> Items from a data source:

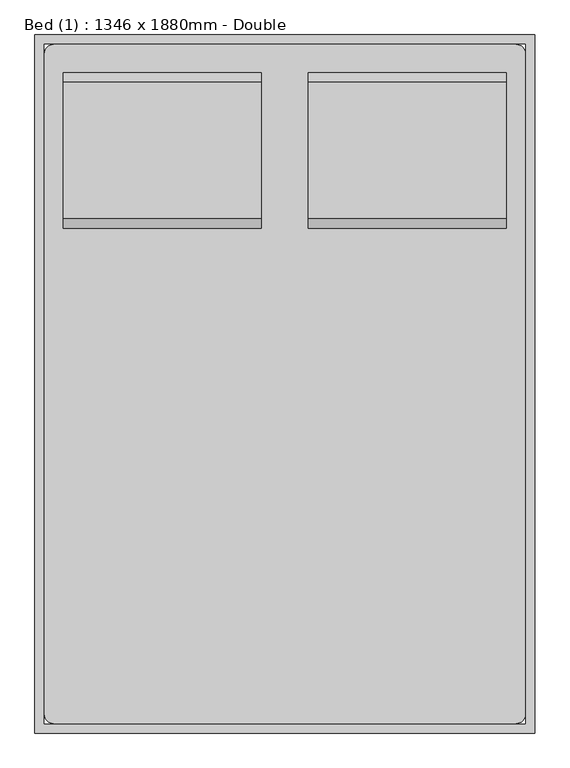
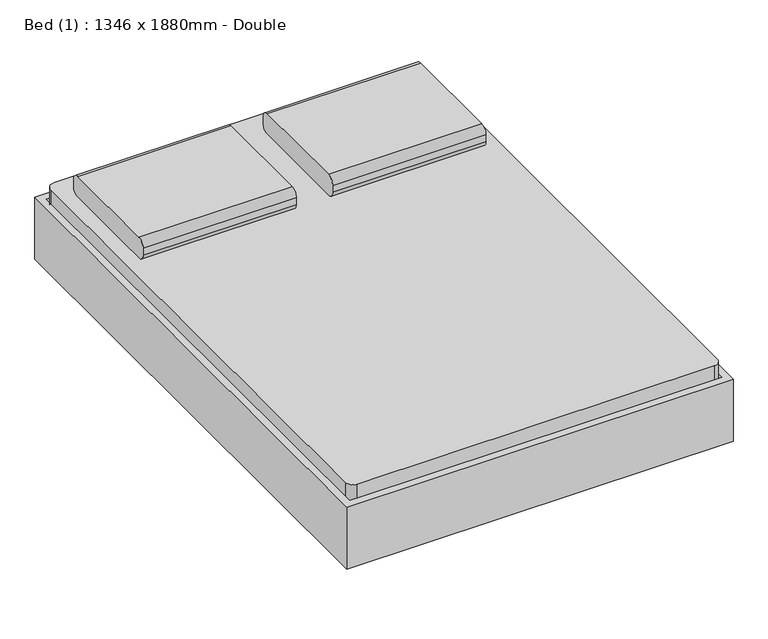
"""IFC4 building model written with IfcOpenShell, lengths in millimetres: furniture geometry, Bed (1) : 1346 x 1880mm - Double."""

from ifc_helpers import new_model, si_unit, point, frame, frame_2d, origin, place, context, project, spatial, polyline, circle_curve, trimmed, segment, composite_curve, outline, extrude, source, transform, mapped, element, save
from ifc_brep_helpers import plane_surface, cylinder_surface, revolved_surface, advanced_brep


def bed_1_1346_x_1880mm_double_99e58f25(model_context):
    return source(origin(), model_context, "Body", "SolidModel", [
        advanced_brep(
        [(-308.447541, -869.6295082, 196.85), (-308.447541, -869.6295082, 177.8), (-308.447541, -945.8295082, 177.8), (-308.447541, -945.8295082, 196.85), (-245.5113525, -869.6295082, 196.85), (-257.647541, -869.6295082, 177.8), (-257.647541, -945.8295082, 177.8), (-245.5113525, -945.8295082, 196.85), (-164.3115092, -869.6295082, 22.716374), (-181.5766725, -869.6295082, 14.6654962), (-181.5766725, -945.8295082, 14.6654962), (-164.3115092, -945.8295082, 22.716374), (-158.5564547, -869.6295082, 0.0), (-158.5564547, -869.6295082, 19.05), (-158.5564547, -945.8295082, 0.0), (-158.5564547, -945.8295082, 19.05), (-79.9439489, -869.6295082, 19.05), (-79.9439489, -869.6295082, 0.0), (-79.9439489, -945.8295082, 0.0), (-79.9439489, -945.8295082, 19.05), (-67.2439489, -869.6295082, 3.4029547), (-76.7689489, -869.6295082, 19.9007387), (-67.2439489, -945.8295082, 3.4029547), (-76.7689489, -945.8295082, 19.9007387), (-12.2513357, -869.6295082, 57.15), (-7.1469036, -869.6295082, 38.1), (-7.1469036, -945.8295082, 38.1), (-12.2513357, -945.8295082, 57.15), (690.5562537, -869.6295082, 57.15), (685.4518216, -869.6295082, 38.1), (685.4518216, -945.8295082, 38.1), (690.5562537, -945.8295082, 57.15), (755.0738669, -869.6295082, 19.9007387), (745.5488669, -869.6295082, 3.4029547), (745.5488669, -945.8295082, 3.4029547), (755.0738669, -945.8295082, 19.9007387), (758.2488669, -869.6295082, 0.0), (758.2488669, -869.6295082, 19.05), (758.2488669, -945.8295082, 0.0), (758.2488669, -945.8295082, 19.05), (836.8613728, -869.6295082, 19.05), (836.8613728, -869.6295082, 0.0), (836.8613728, -945.8295082, 0.0), (836.8613728, -945.8295082, 19.05), (859.8815906, -869.6295082, 14.6654962), (842.6164272, -869.6295082, 22.716374), (859.8815906, -945.8295082, 14.6654962), (842.6164272, -945.8295082, 22.716374), (923.8162705, -869.6295082, 196.85), (935.952459, -869.6295082, 177.8), (935.952459, -945.8295082, 177.8), (923.8162705, -945.8295082, 196.85), (986.752459, -869.6295082, 196.85), (986.752459, -945.8295082, 196.85), (986.752459, -945.8295082, 177.8), (986.752459, -869.6295082, 177.8)],
        [
            (0, 1),
            (1, 2),
            (2, 3),
            (3, 0),
            (0, 4),
            (4, 5),
            (5, 1),
            (5, 6),
            (6, 2),
            (6, 7),
            (7, 3),
            (7, 4),
            (4, 8),
            (8, 9),
            (9, 5),
            (9, 10),
            (10, 6),
            (10, 11),
            (11, 7),
            (11, 8),
            (12, 9, circle_curve(frame((-158.5564547, -869.6295082, 25.4), z_axis=(0.0, 1.0, 0.0), x_axis=(-0.906307787036664, 0.0, -0.4226182617406693)), 25.4)),
            (8, 13, circle_curve(frame((-158.5564547, -869.6295082, 25.4), z_axis=(0.0, -1.0, 0.0), x_axis=(-0.906307787036664, 0.0, -0.4226182617406693)), 6.35)),
            (13, 12),
            (14, 10, circle_curve(frame((-158.5564547, -945.8295082, 25.4), z_axis=(0.0, 1.0, 0.0), x_axis=(-0.906307787036664, 0.0, -0.4226182617406693)), 25.4)),
            (12, 14),
            (15, 11, circle_curve(frame((-158.5564547, -945.8295082, 25.4), z_axis=(0.0, 1.0, 0.0), x_axis=(-0.906307787036664, 0.0, -0.4226182617406693)), 6.35)),
            (14, 15),
            (15, 13),
            (13, 16),
            (16, 17),
            (17, 12),
            (17, 18),
            (18, 14),
            (18, 19),
            (19, 15),
            (19, 16),
            (20, 17, circle_curve(frame((-79.9439489, -869.6295082, 25.4), z_axis=(0.0, 1.0, 0.0), x_axis=(0.0, 0.0, -1.0)), 25.4)),
            (16, 21, circle_curve(frame((-79.9439489, -869.6295082, 25.4), z_axis=(0.0, -1.0, 0.0), x_axis=(0.0, 0.0, -1.0)), 6.35)),
            (21, 20),
            (22, 18, circle_curve(frame((-79.9439489, -945.8295082, 25.4), z_axis=(0.0, 1.0, 0.0), x_axis=(0.0, 0.0, -1.0)), 25.4)),
            (20, 22),
            (23, 19, circle_curve(frame((-79.9439489, -945.8295082, 25.4), z_axis=(0.0, 1.0, 0.0), x_axis=(0.0, 0.0, -1.0)), 6.35)),
            (22, 23),
            (23, 21),
            (21, 24),
            (24, 25),
            (25, 20),
            (25, 26),
            (26, 22),
            (26, 27),
            (27, 23),
            (27, 24),
            (24, 28),
            (28, 29),
            (29, 25),
            (29, 30),
            (30, 26),
            (30, 31),
            (31, 27),
            (31, 28),
            (28, 32),
            (32, 33),
            (33, 29),
            (33, 34),
            (34, 30),
            (34, 35),
            (35, 31),
            (35, 32),
            (36, 33, circle_curve(frame((758.2488669, -869.6295082, 25.4), z_axis=(0.0, 1.0, 0.0), x_axis=(-0.5000000000000533, 0.0, -0.866025403784408)), 25.4)),
            (32, 37, circle_curve(frame((758.2488669, -869.6295082, 25.4), z_axis=(0.0, -1.0, 0.0), x_axis=(-0.5000000000000533, 0.0, -0.866025403784408)), 6.35)),
            (37, 36),
            (38, 34, circle_curve(frame((758.2488669, -945.8295082, 25.4), z_axis=(0.0, 1.0, 0.0), x_axis=(-0.5000000000000533, 0.0, -0.866025403784408)), 25.4)),
            (36, 38),
            (39, 35, circle_curve(frame((758.2488669, -945.8295082, 25.4), z_axis=(0.0, 1.0, 0.0), x_axis=(-0.5000000000000533, 0.0, -0.866025403784408)), 6.35)),
            (38, 39),
            (39, 37),
            (37, 40),
            (40, 41),
            (41, 36),
            (41, 42),
            (42, 38),
            (42, 43),
            (43, 39),
            (43, 40),
            (44, 41, circle_curve(frame((836.8613728, -869.6295082, 25.4), z_axis=(0.0, 1.0, 0.0), x_axis=(0.0, 0.0, -1.0)), 25.4)),
            (40, 45, circle_curve(frame((836.8613728, -869.6295082, 25.4), z_axis=(0.0, -1.0, 0.0), x_axis=(0.0, 0.0, -1.0)), 6.35)),
            (45, 44),
            (46, 42, circle_curve(frame((836.8613728, -945.8295082, 25.4), z_axis=(0.0, 1.0, 0.0), x_axis=(0.0, 0.0, -1.0)), 25.4)),
            (44, 46),
            (47, 43, circle_curve(frame((836.8613728, -945.8295082, 25.4), z_axis=(0.0, 1.0, 0.0), x_axis=(0.0, 0.0, -1.0)), 6.35)),
            (46, 47),
            (47, 45),
            (45, 48),
            (48, 49),
            (49, 44),
            (49, 50),
            (50, 46),
            (50, 51),
            (51, 47),
            (51, 48),
            (52, 53),
            (53, 54),
            (54, 55),
            (55, 52),
            (48, 52),
            (55, 49),
            (54, 50),
            (53, 51),
        ],
        [
            plane_surface(frame((-308.447541, -1174.4295082, -127.5947323), z_axis=(-1.0, 0.0, 0.0), x_axis=(0.0, 1.0, 0.0))),
            plane_surface(frame((-308.447541, -869.6295082, 196.85), z_axis=(0.0, 1.0, 0.0), x_axis=(1.0, 0.0, 0.0))),
            plane_surface(frame((-308.447541, -869.6295082, 177.8), z_axis=(0.0, 0.0, -1.0), x_axis=(1.0, 0.0, 0.0))),
            plane_surface(frame((-308.447541, -945.8295082, 177.8), z_axis=(0.0, -1.0, 0.0), x_axis=(1.0, 0.0, 0.0))),
            plane_surface(frame((-308.447541, -945.8295082, 196.85), z_axis=(0.0, 0.0, 1.0), x_axis=(1.0, 0.0, 0.0))),
            plane_surface(frame((-245.5113525, -869.6295082, 196.85), z_axis=(0.0, 1.0000000000000002, 0.0), x_axis=(0.4226182617406713, 0.0, -0.9063077870366631))),
            plane_surface(frame((-257.647541, -869.6295082, 177.8), z_axis=(-0.9063077870366631, 0.0, -0.4226182617406712), x_axis=(0.4226182617406712, 0.0, -0.9063077870366631))),
            plane_surface(frame((-257.647541, -945.8295082, 177.8), z_axis=(0.0, -1.0000000000000002, 0.0), x_axis=(0.4226182617406716, 0.0, -0.906307787036663))),
            plane_surface(frame((-245.5113525, -945.8295082, 196.85), z_axis=(0.906307787036663, 0.0, 0.4226182617406715), x_axis=(0.4226182617406715, 0.0, -0.906307787036663))),
            plane_surface(frame((-158.5564547, -869.6295082, 25.4), z_axis=(0.0, 1.0, 0.0), x_axis=(-0.906307787036664, 0.0, -0.4226182617406693))),
            cylinder_surface(frame((-158.5564547, -1174.4295082, 25.4), z_axis=(0.0, -1.0, 0.0), x_axis=(-0.906307787036664, 0.0, -0.4226182617406693)), 25.4),
            plane_surface(frame((-158.5564547, -945.8295082, 25.4), z_axis=(0.0, -1.0, 0.0), x_axis=(-0.906307787036664, 0.0, -0.4226182617406693))),
            revolved_surface(polyline([(-164.3115091476828, -945.8295082, 22.71637403794675), (-164.3115091476828, -869.6295082, 22.71637403794675)]), (-158.5564547, -1174.4295082, 25.4), (0.0, -1.0, 0.0)),
            plane_surface(frame((-158.5564547, -869.6295082, 19.05), z_axis=(0.0, 1.0, 0.0), x_axis=(1.0, 0.0, 0.0))),
            plane_surface(frame((-158.5564547, -869.6295082, 0.0), z_axis=(0.0, 0.0, -1.0), x_axis=(1.0, 0.0, 0.0))),
            plane_surface(frame((-158.5564547, -945.8295082, 0.0), z_axis=(0.0, -1.0, 0.0), x_axis=(1.0, 0.0, 0.0))),
            plane_surface(frame((-158.5564547, -945.8295082, 19.05), z_axis=(0.0, 0.0, 1.0), x_axis=(1.0, 0.0, 0.0))),
            plane_surface(frame((-79.9439489, -869.6295082, 25.4), z_axis=(0.0, 1.0, 0.0), x_axis=(0.0, 0.0, -1.0))),
            cylinder_surface(frame((-79.9439489, -1174.4295082, 25.4), z_axis=(0.0, -1.0, 0.0), x_axis=(0.0, 0.0, -1.0)), 25.4),
            plane_surface(frame((-79.9439489, -945.8295082, 25.4), z_axis=(0.0, -1.0, 0.0), x_axis=(0.0, 0.0, -1.0))),
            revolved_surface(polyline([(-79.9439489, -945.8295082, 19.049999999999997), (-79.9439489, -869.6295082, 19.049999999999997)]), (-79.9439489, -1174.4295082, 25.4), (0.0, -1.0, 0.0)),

> TASK BRIEF:
Please reproduce, word for word, every line from the first line of the records above through the line containing "from ifc_helpers import", and leave out the pictures.

> OUTPUT FOR THIS TASK:
"""IFC4 building model written with IfcOpenShell, lengths in millimetres: furniture geometry, Bed (1) : 1346 x 1880mm - Double."""

from ifc_helpers import new_model, si_unit, point, frame, frame_2d, origin, place, context, project, spatial, polyline, circle_curve, trimmed, segment, composite_curve, outline, extrude, source, transform, mapped, element, save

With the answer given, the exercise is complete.